- [RECORDS FOR THE TASK]
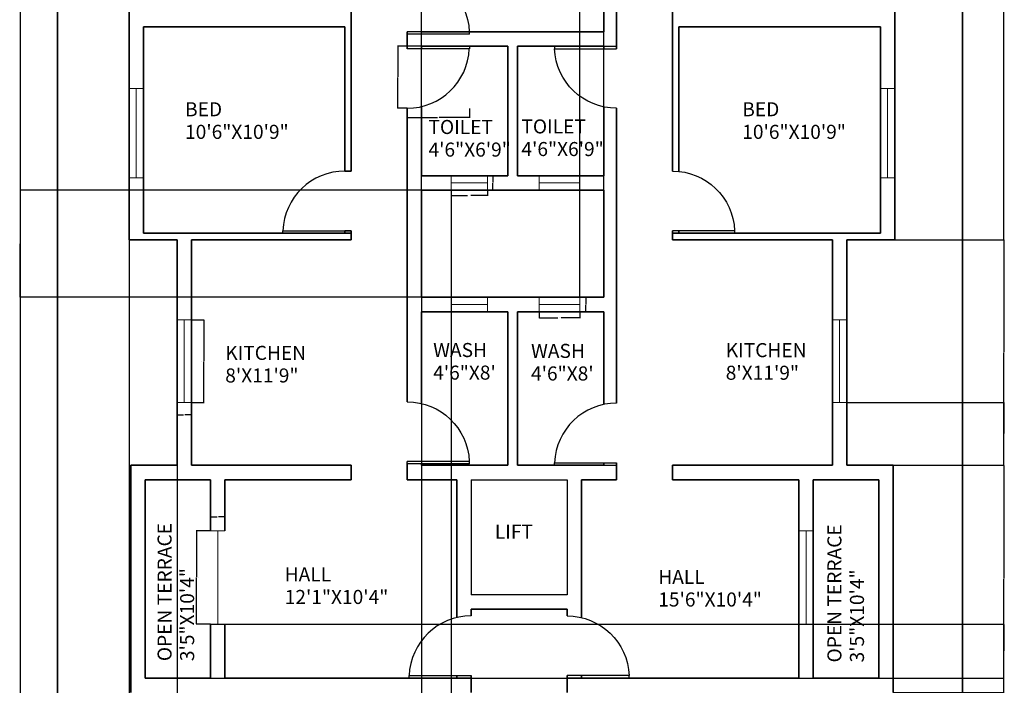
# Model space of a CAD drawing. Units: feet. Extents: x 100807 to 101423, y 154875 to 156331.
# Tile 2 of 8: x 100807 to 101423, y 155624 to 156040. Entities that reach past the tile are written whole.
import ezdxf

# ---------------------------------------------------------------- set-up
doc = ezdxf.new("R2010")
doc.units = ezdxf.units.FT
for name, color, linetype, lineweight in [('A-ANNO-DIMS', 2, 'Continuous', 18), ('A-ANNO-TTLB', 7, 'Continuous', 35), ('A-AREA-IDEN', 7, 'Continuous', 25), ('A-DOOR', 4, 'Continuous', 25), ('A-EQPM-ELEV', 8, 'Continuous', 25), ('A-GLAZ', 4, 'Continuous', 18), ('A-WALL', 7, 'Continuous', 35)]:
    doc.layers.add(name, color=color, linetype=linetype, lineweight=lineweight)
doc.styles.get("Standard").update_dxf_attribs({"font": 'arial.ttf'})
doc.dimstyles.get("Standard").update_dxf_attribs({"dimtxt": 0.18, "dimasz": 0.18, "dimexe": 0.18, "dimexo": 0.0625, "dimgap": 0.09, "dimtad": 0, "dimtih": 1, "dimtoh": 1, "dimdec": 4, "dimzin": 0, "dimdsep": 46, "dimtxsty": 'Standard', "dimcen": 0.09, "dimadec": 0, "dimazin": 0, "dimtfac": 1, "dimtdec": 4, "dimtofl": 0, "dimtmove": 0, "dimatfit": 3, "dimfxl": 1, "dimtolj": 1, "dimtzin": 0, "dimarcsym": 0})

# ---------------------------------------------------------------- blocks, each defined once
blk = doc.blocks.new('DR-36')
for p, q in [((0, 36), (0, 0)), ((0, 36), (1.5, 36)), ((1.5, 36), (1.5, 0)), ((0, 0), (1.5, 0))]:
    blk.add_line(p, q)
blk.add_arc((0, 0), 36, 0, 87.6141)
blk = doc.blocks.new('VENT-COURT-A')
for p, q in [((0, 9), (0, 0)), ((22.83, 9), (22.83, 0)), ((22.83, 4.5), (0, 4.5))]:
    blk.add_line(p, q)
blk = doc.blocks.new('VENT-COURT-B')
for p, q in [((0, 9), (0, 0)), ((25.42, 9), (25.42, 0)), ((25.42, 4.5), (0, 4.5))]:
    blk.add_line(p, q)
blk = doc.blocks.new('WIN-KITCHEN')
for p, q in [((0, 51.58), (9, 51.58)), ((4.5, 51.58), (4.5, 0)), ((0, 0), (9, 0))]:
    blk.add_line(p, q)
blk = doc.blocks.new('WIN-BED-SIDE')
for p, q in [((0, 55.85), (9, 55.85)), ((4.5, 55.85), (4.5, 0)), ((0, 0), (9, 0))]:
    blk.add_line(p, q)
blk = doc.blocks.new('WIN-TERRACE')
for p, q in [((0, 58.29), (9, 58.29)), ((4.5, 58.29), (4.5, 0)), ((0, 0), (9, 0))]:
    blk.add_line(p, q)
blk = doc.blocks.new('LIFT-OUTLINE')
for p, q in [((0, 72), (0, 0)), ((0, 72), (60, 72)), ((60, 72), (60, 0)), ((60, 72), (60, 0)), ((60, 0), (0, 0))]:
    blk.add_line(p, q)
blk = doc.blocks.new('*D12')
at = {"layer": 'A-ANNO-DIMS', "color": 0, "lineweight": -2, "transparency": 16777216}
for p, q in [((101049.09, 156023.58), (101043.15, 156023.58)), ((101043.33, 156023.4), (101043.33, 156004.33)), ((101043.33, 155984.89), (101043.33, 156003.96)), ((101049.09, 155984.71), (101043.15, 155984.71))]:
    blk.add_line(p, q, dxfattribs=at)
at = {"layer": 'A-ANNO-DIMS', "color": 0, "transparency": 16777216}
for points in [[(101043.3, 156023.4), (101043.36, 156023.4), (101043.33, 156023.58)], [(101043.3, 155984.89), (101043.36, 155984.89), (101043.33, 155984.71)]]:
    blk.add_solid(points, dxfattribs=at)
at = {"layer": 'Defpoints', "color": 0, "transparency": 16777216}
for p in [(101049.16, 156023.58), (101043.33, 155984.71), (101049.16, 155984.71)]:
    blk.add_point(p, dxfattribs=at)
at = {"layer": 'A-ANNO-DIMS', "color": 0, "transparency": 16777216, "insert": (101043.33, 156004.14), "char_height": 0.18, "attachment_point": 5}
blk.add_mtext('\\A1;DOOR 39 TYP.', dxfattribs=at)
blk = doc.blocks.new('*D13')
at = {"layer": 'A-ANNO-DIMS', "color": 0, "lineweight": -2, "transparency": 16777216}
for p, q in [((101049.16, 155984.65), (101049.16, 155978.7)), ((101088.02, 155984.65), (101088.02, 155978.7)), ((101049.34, 155978.88), (101068.06, 155978.88)), ((101087.84, 155978.88), (101069.12, 155978.88))]:
    blk.add_line(p, q, dxfattribs=at)
at = {"layer": 'A-ANNO-DIMS', "color": 0, "transparency": 16777216}
for points in [[(101049.34, 155978.91), (101049.34, 155978.85), (101049.16, 155978.88)], [(101087.84, 155978.91), (101087.84, 155978.85), (101088.02, 155978.88)]]:
    blk.add_solid(points, dxfattribs=at)
at = {"layer": 'Defpoints', "color": 0, "transparency": 16777216}
for p in [(101049.16, 155984.71), (101088.02, 155984.71), (101088.02, 155978.88)]:
    blk.add_point(p, dxfattribs=at)
at = {"layer": 'A-ANNO-DIMS', "color": 0, "transparency": 16777216, "insert": (101068.59, 155978.88), "char_height": 0.18, "attachment_point": 5}
blk.add_mtext('\\A1;39 TYP.', dxfattribs=at)
blk = doc.blocks.new('*D14')
at = {"layer": 'A-ANNO-DIMS', "color": 0, "lineweight": -2, "transparency": 16777216}
for p, q in [((101076.57, 155933.52), (101076.57, 155929.97)), ((101099.4, 155933.52), (101099.4, 155929.97)), ((101076.75, 155930.15), (101086.96, 155930.15)), ((101099.22, 155930.15), (101089, 155930.15))]:
    blk.add_line(p, q, dxfattribs=at)
at = {"layer": 'A-ANNO-DIMS', "color": 0, "transparency": 16777216}
for points in [[(101076.75, 155930.18), (101076.75, 155930.12), (101076.57, 155930.15)], [(101099.22, 155930.18), (101099.22, 155930.12), (101099.4, 155930.15)]]:
    blk.add_solid(points, dxfattribs=at)
at = {"layer": 'Defpoints', "color": 0, "transparency": 16777216}
for p in [(101076.57, 155933.58), (101099.4, 155933.58), (101099.4, 155930.15)]:
    blk.add_point(p, dxfattribs=at)
at = {"layer": 'A-ANNO-DIMS', "color": 0, "transparency": 16777216, "insert": (101087.98, 155930.15), "char_height": 0.18, "attachment_point": 5}
blk.add_mtext('\\A1;VENT A 23 TYP.', dxfattribs=at)
blk = doc.blocks.new('*D15')
at = {"layer": 'A-ANNO-DIMS', "color": 0, "lineweight": -2, "transparency": 16777216}
for p, q in [((101099.46, 155942.58), (101103, 155942.58)), ((101102.82, 155942.4), (101102.82, 155938.26)), ((101099.46, 155933.58), (101103, 155933.58)), ((101102.82, 155933.76), (101102.82, 155937.9))]:
    blk.add_line(p, q, dxfattribs=at)
at = {"layer": 'A-ANNO-DIMS', "color": 0, "transparency": 16777216}
for points in [[(101102.79, 155942.4), (101102.85, 155942.4), (101102.82, 155942.58)], [(101102.79, 155933.76), (101102.85, 155933.76), (101102.82, 155933.58)]]:
    blk.add_solid(points, dxfattribs=at)
at = {"layer": 'Defpoints', "color": 0, "transparency": 16777216}
for p in [(101099.4, 155942.58), (101102.82, 155942.58), (101099.4, 155933.58)]:
    blk.add_point(p, dxfattribs=at)
at = {"layer": 'A-ANNO-DIMS', "color": 0, "transparency": 16777216, "insert": (101102.82, 155938.08), "char_height": 0.18, "attachment_point": 5}
blk.add_mtext('\\A1;9 TYP.', dxfattribs=at)
blk = doc.blocks.new('*D16')
at = {"layer": 'A-ANNO-DIMS', "color": 0, "lineweight": -2, "transparency": 16777216}
for p, q in [((101131.66, 155857.52), (101131.66, 155853.59)), ((101131.84, 155853.77), (101143.35, 155853.77)), ((101156.9, 155853.77), (101145.39, 155853.77)), ((101157.08, 155857.52), (101157.08, 155853.59))]:
    blk.add_line(p, q, dxfattribs=at)
at = {"layer": 'A-ANNO-DIMS', "color": 0, "transparency": 16777216}
for points in [[(101131.84, 155853.8), (101131.84, 155853.74), (101131.66, 155853.77)], [(101156.9, 155853.8), (101156.9, 155853.74), (101157.08, 155853.77)]]:
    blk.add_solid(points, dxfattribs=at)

- [TASK DETAILS]
Extract all lines from the data in which "linetype" is found.

- [ANSWER TO THE EXERCISE]
for name, color, linetype, lineweight in [('A-ANNO-DIMS', 2, 'Continuous', 18), ('A-ANNO-TTLB', 7, 'Continuous', 35), ('A-AREA-IDEN', 7, 'Continuous', 25), ('A-DOOR', 4, 'Continuous', 25), ('A-EQPM-ELEV', 8, 'Continuous', 25), ('A-GLAZ', 4, 'Continuous', 18), ('A-WALL', 7, 'Continuous', 35)]:
    doc.layers.add(name, color=color, linetype=linetype, lineweight=lineweight)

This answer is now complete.